• [YOUR INSTRUCTIONS]:
Nothing outside the range below should be printed. Output exactly the lines from the line with "# Tile 3 of" to the line with "doc.units = ezdxf.units.IN", both included.

• [TASK DATA]:
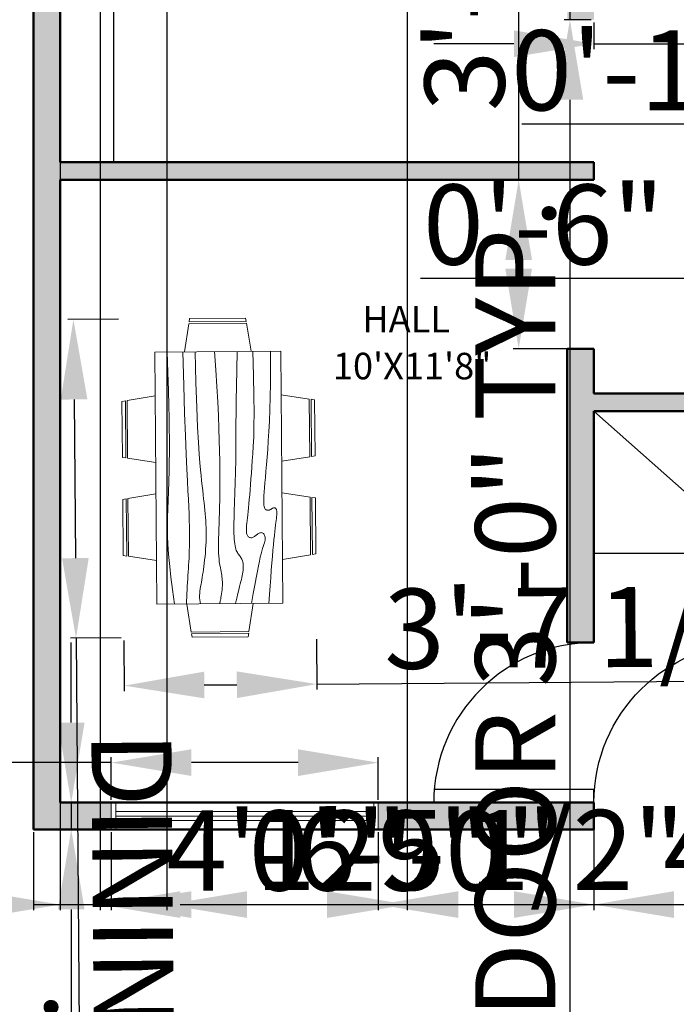
# Model space of a CAD drawing. Units: inches. Extents: x -261 to 409, y 193 to 762.
# Tile 3 of 6: x -35 to 113, y 384 to 605. Entities that reach past the tile are written whole.
import ezdxf

# ---------------------------------------------------------------- set-up
doc = ezdxf.new("R2010")
doc.units = ezdxf.units.IN
for name, color, linetype, lineweight in [('A-ANNO-DIMS', 2, 'Continuous', 18), ('A-AREA-IDEN', 7, 'Continuous', 25), ('A-DOOR', 3, 'Continuous', 25), ('A-FLOR-CASE', 9, 'Continuous', 25), ('A-FLOR-STRS', 7, 'Continuous', 25), ('A-FURN', 8, 'Continuous', 18), ('A-GLAZ', 4, 'Continuous', 18), ('A-WALL', 7, 'Continuous', 50), ('A-WALL-PATT', 8, 'Continuous', 13)]:
    doc.layers.add(name, color=color, linetype=linetype, lineweight=lineweight)
doc.styles.get("Standard").update_dxf_attribs({"font": 'arial.ttf'})
doc.dimstyles.new('ISO-25', dxfattribs={"dimtxt": 18, "dimasz": 18, "dimexe": 1.25, "dimexo": 0.625, "dimtad": 1, "dimdec": 1, "dimlunit": 3, "dimtxsty": 'Standard', "dimcen": 2.5, "dimadec": 0, "dimazin": 0, "dimtfac": 1, "dimtdec": 1, "dimtmove": 0, "dimatfit": 3, "dimfxl": 1, "dimarcsym": 0})

# ---------------------------------------------------------------- blocks, each defined once
blk = doc.blocks.new('Dining Set - 36 x 72 in.')
for p, q in [((-22.2343, 26.00059), (-23.4847, 17.99762)), ((-22.2304, 26), (-5.7608, 26)), ((-22, 27.5), (-22.1562, 26.50042)), ((-5.8416, 26.5), (-22.1534, 26.5)), ((-22, 27.5), (-6, 27.5)), ((-5.8437, 26.49966), (-6, 27.5)), ((-4.5152, 17.99762), (-5.7655, 25.99926)), ((5.7657, 26.00059), (4.5153, 17.99762)), ((5.7696, 26), (22.2392, 26)), ((6, 27.5), (5.8438, 26.50042)), ((22.1584, 26.5), (5.8466, 26.5)), ((6, 27.5), (22, 27.5)), ((22.1563, 26.49966), (22, 27.5)), ((23.4848, 17.99762), (22.2345, 25.99926)), ((36, 18), (-36, 18)), ((-36, 18), (-36, -18)), ((36, -18), (36, 18)), ((-44.0006, 8.23428), (-35.9976, 9.48474)), ((44.0006, 8.23428), (35.9976, 9.48474)), ((-45.5, 8), (-44.5004, 8.15617)), ((-45.5, 8), (-45.5, -8)), ((-44.5, -8.15843), (-44.5, 8.15338)), ((-44, 8.23041), (-44, -8.23915)), ((44, 8.23041), (44, -8.23915)), ((44.5, -8.15843), (44.5, 8.15338)), ((45.5, 8), (44.5005, 8.15617)), ((45.5, 8), (45.5, -8)), ((-44.4997, -8.15631), (-45.5, -8)), ((-35.9976, -9.48476), (-43.9993, -8.2345)), ((35.9976, -9.48476), (43.9993, -8.2345)), ((44.4997, -8.15631), (45.5, -8)), ((-36, -18), (36, -18)), ((-22.2343, -26.0006), (-23.4847, -17.99762)), ((-4.5152, -17.99762), (-5.7655, -25.99928)), ((5.7657, -26.0006), (4.5153, -17.99762)), ((23.4848, -17.99762), (22.2345, -25.99928)), ((-22.2304, -26), (-5.7608, -26)), ((-22, -27.5), (-22.1562, -26.50044)), ((-5.8416, -26.5), (-22.1534, -26.5)), ((-22, -27.5), (-6, -27.5)), ((-5.8437, -26.49967), (-6, -27.5)), ((5.7696, -26), (22.2392, -26)), ((6, -27.5), (5.8438, -26.50044)), ((22.1584, -26.5), (5.8466, -26.5)), ((6, -27.5), (22, -27.5)), ((22.1563, -26.49967), (22, -27.5))]:
    blk.add_line(p, q)
for points in [[(-36, 15), (-31.1772, 14.97754), (-26.8079, 14.91406), (-22.8538, 14.81543), (-19.276, 14.6875), (-16.0362, 14.53613), (-13.0957, 14.36718), (-10.4159, 14.18652), (-7.9583, 14), (-5.6904, 13.81315), (-3.6035, 13.63021), (-1.6954, 13.45508), (0.0365, 13.29166), (1.5945, 13.14388), (2.9811, 13.01562), (4.1988, 12.9108), (5.25, 12.83333), (6.1393, 12.78613), (6.8802, 12.76823), (7.4883, 12.77767), (7.9792, 12.8125), (8.3685, 12.87077), (8.6719, 12.95052), (8.9049, 13.0498), (9.0833, 13.16666), (9.2205, 13.29899), (9.3216, 13.44401), (9.3895, 13.59879), (9.4271, 13.76041), (9.4373, 13.92594), (9.4232, 14.09245), (9.3875, 14.257), (9.3333, 14.41666), (9.2638, 14.56917), (9.1836, 14.71484), (9.0975, 14.85465), (9.0104, 14.98958), (8.9272, 15.1206), (8.8529, 15.2487), (8.7922, 15.37483), (8.75, 15.5), (8.7305, 15.62467), (8.7344, 15.74739), (8.7617, 15.86621), (8.8125, 15.97916), (8.8867, 16.08431), (8.9844, 16.17968), (9.1055, 16.26334), (9.25, 16.33333), (9.4189, 16.38802), (9.6172, 16.42708), (9.8506, 16.45052), (10.125, 16.45833), (10.4463, 16.45052), (10.8203, 16.42708), (11.2529, 16.38802), (11.75, 16.33333), (12.3184, 16.26318), (12.9694, 16.17838), (13.7151, 16.07991), (14.5677, 15.96875), (15.5395, 15.84586), (16.6426, 15.71224), (17.8893, 15.56884), (19.2917, 15.41666), (20.859, 15.25667), (22.5879, 15.08984), (24.4721, 14.91715), (26.5052, 14.73958), (28.6809, 14.5581), (30.9929, 14.3737), (33.4347, 14.18733), (36, 14)], [(-36, 10), (-28.9766, 10.14274), (-23.1725, 10.20442), (-18.4241, 10.19775), (-14.5677, 10.13541), (-11.4399, 10.03011), (-8.877, 9.89453), (-6.7154, 9.74137), (-4.7917, 9.58333), (-2.9698, 9.43082), (-1.2246, 9.28515), (0.4415, 9.14534), (2.026, 9.01041), (3.5266, 8.87939), (4.9408, 8.7513), (6.266, 8.62516), (7.5, 8.5), (8.6411, 8.37549), (9.6914, 8.2539), (10.6538, 8.13818), (11.5312, 8.03125), (12.3267, 7.93603), (13.043, 7.85547), (13.6831, 7.79248), (14.25, 7.75), (14.7471, 7.7303), (15.1797, 7.73307), (15.5537, 7.75732), (15.875, 7.80208), (16.1494, 7.86637), (16.3828, 7.94922), (16.5811, 8.04964), (16.75, 8.16666), (16.8944, 8.29915), (17.0143, 8.44531), (17.1089, 8.60319), (17.1771, 8.77083), (17.218, 8.94629), (17.2305, 9.1276), (17.2137, 9.31282), (17.1667, 9.5), (17.0895, 9.6875), (16.987, 9.875), (16.8649, 10.0625), (16.7292, 10.25), (16.5856, 10.4375), (16.4401, 10.625), (16.2985, 10.8125), (16.1667, 11), (16.05, 11.18733), (15.9518, 11.3737), (15.8752, 11.5581), (15.8229, 11.73958), (15.798, 11.91715), (15.8034, 12.08984), (15.842, 12.25667), (15.9167, 12.41666), (16.0295, 12.56836), (16.1784, 12.70833), (16.3605, 12.83268), (16.5729, 12.9375), (16.8127, 13.01888), (17.0768, 13.07291), (17.3625, 13.0957), (17.6667, 13.08333), (17.9894, 13.03312), (18.3418, 12.94726), (18.7382, 12.82918), (19.1927, 12.68229), (19.7195, 12.51001), (20.3327, 12.31575), (21.0465, 12.10294), (21.875, 11.875), (22.8357, 11.63354), (23.959, 11.37304), (25.2786, 11.08618), (26.8282, 10.76562), (28.6414, 10.40405), (30.752, 9.99414), (33.1936, 9.52856), (36, 9)], [(-36, 5.5), (-30.7157, 5.3348), (-26.069, 5.20963), (-21.9946, 5.11767), (-18.4271, 5.05208), (-15.3009, 5.00602), (-12.5508, 4.97265), (-10.1112, 4.94515), (-7.9167, 4.91666), (-5.909, 4.88167), (-4.0586, 4.83984), (-2.3429, 4.79215), (-0.7396, 4.73958), (0.7739, 4.6831), (2.22, 4.6237), (3.6213, 4.56233), (5, 4.5), (6.373, 4.43782), (7.7344, 4.3776), (9.0723, 4.32129), (10.375, 4.27083), (11.6309, 4.22819), (12.8281, 4.19531), (13.9551, 4.17415), (15, 4.16666), (15.954, 4.17448), (16.819, 4.19791), (17.6001, 4.23698), (18.3021, 4.29166), (18.9299, 4.36198), (19.4883, 4.44791), (19.9823, 4.54948), (20.4167, 4.66666), (20.7969, 4.79899), (21.1302, 4.94401), (21.4245, 5.09879), (21.6875, 5.26041), (21.9271, 5.42594), (22.1511, 5.59245), (22.3672, 5.757), (22.5834, 5.91666), (22.8065, 6.06868), (23.0404, 6.21093), (23.2879, 6.34147), (23.5521, 6.45833), (23.8358, 6.55957), (24.142, 6.64323), (24.4735, 6.70735), (24.8334, 6.75), (25.2235, 6.76969), (25.642, 6.76692), (26.0858, 6.74267), (26.5521, 6.69791), (27.0379, 6.63362), (27.5404, 6.55078), (28.0565, 6.45036), (28.5834, 6.33333), (29.1242, 6.19987), (29.7071, 6.04687), (30.3661, 5.87044), (31.1354, 5.66666), (32.0493, 5.43164), (33.142, 5.16146), (34.4475, 4.85221), (36, 4.5)], [(-36, -1), (-30.7915, -0.6591), (-26.0195, -0.38216), (-21.6519, -0.16284), (-17.6563, 0.00521), (-14.0005, 0.12833), (-10.6523, 0.21289), (-7.5796, 0.26522), (-4.75, 0.29166), (-2.134, 0.29793), (0.2878, 0.28711), (2.5317, 0.26163), (4.6146, 0.22396), (6.5529, 0.17651), (8.3633, 0.12174), (10.0623, 0.06209), (11.6667, 0), (13.1899, -0.06201), (14.6341, -0.1211), (15.9982, -0.17432), (17.2813, -0.21875), (18.4823, -0.25147), (19.6003, -0.26953), (20.6343, -0.27002), (21.5834, -0.25), (22.4481, -0.20768), (23.2357, -0.14584), (23.9549, -0.06836), (24.6146, 0.02083), (25.2235, 0.11784), (25.7904, 0.21875), (26.3241, 0.31966), (26.8334, 0.41666), (27.3265, 0.50618), (27.8099, 0.58593), (28.2894, 0.65397), (28.7709, 0.70833), (29.2601, 0.74707), (29.763, 0.76823), (30.2855, 0.76985), (30.8334, 0.75), (31.4088, 0.70784), (31.9994, 0.64713), (32.589, 0.57275), (33.1615, 0.48958), (33.7008, 0.4025), (34.1908, 0.3164), (34.6153, 0.23616), (34.9584, 0.16666), (35.2099, 0.11165), (35.3848, 0.07031), (35.504, 0.04069), (35.5886, 0.02083), (35.6594, 0.00879), (35.7377, 0.0026), (35.8442, 0.00032), (36, 0)], [(-36, -6.5), (-27.1843, -6.31267), (-20.084, -6.1263), (-14.469, -5.9419), (-10.1094, -5.76042), (-6.7752, -5.58285), (-4.2363, -5.41016), (-2.2629, -5.24333), (-0.625, -5.08334), (0.8708, -4.93099), (2.2715, -4.78646), (3.5872, -4.64974), (4.8281, -4.52084), (6.0046, -4.39974), (7.127, -4.28646), (8.2053, -4.18099), (9.25, -4.08334), (10.2705, -3.99382), (11.2734, -3.91407), (12.2647, -3.84603), (13.25, -3.79167), (14.2354, -3.75293), (15.2266, -3.73177), (16.2295, -3.73015), (17.25, -3.75), (18.2912, -3.79248), (19.3451, -3.85547), (20.4009, -3.93604), (21.4479, -4.03125), (22.4754, -4.13819), (23.4727, -4.25391), (24.4289, -4.37549), (25.3334, -4.5), (26.1785, -4.62492), (26.9694, -4.74935), (27.7145, -4.87281), (28.4219, -4.99479), (29.1, -5.11483), (29.7572, -5.23242), (30.4016, -5.34709), (31.0417, -5.45834), (31.6837, -5.56437), (32.3262, -5.65821), (32.9658, -5.73153), (33.599, -5.77604), (34.2224, -5.78345), (34.8327, -5.74545), (35.4264, -5.65373), (36, -5.5)], [(-36, -10), (-26.4022, -9.81299), (-18.4675, -9.62891), (-11.9839, -9.45069), (-6.7396, -9.28125), (-2.5226, -9.12354), (0.8789, -8.98047), (3.6769, -8.85498), (6.0833, -8.75), (8.2767, -8.66765), (10.3021, -8.60677), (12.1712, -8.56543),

• [EXERCISE SOLUTION]:
# Tile 3 of 6: x -35 to 113, y 384 to 605. Entities that reach past the tile are written whole.
import ezdxf

# ---------------------------------------------------------------- set-up
doc = ezdxf.new("R2010")
doc.units = ezdxf.units.IN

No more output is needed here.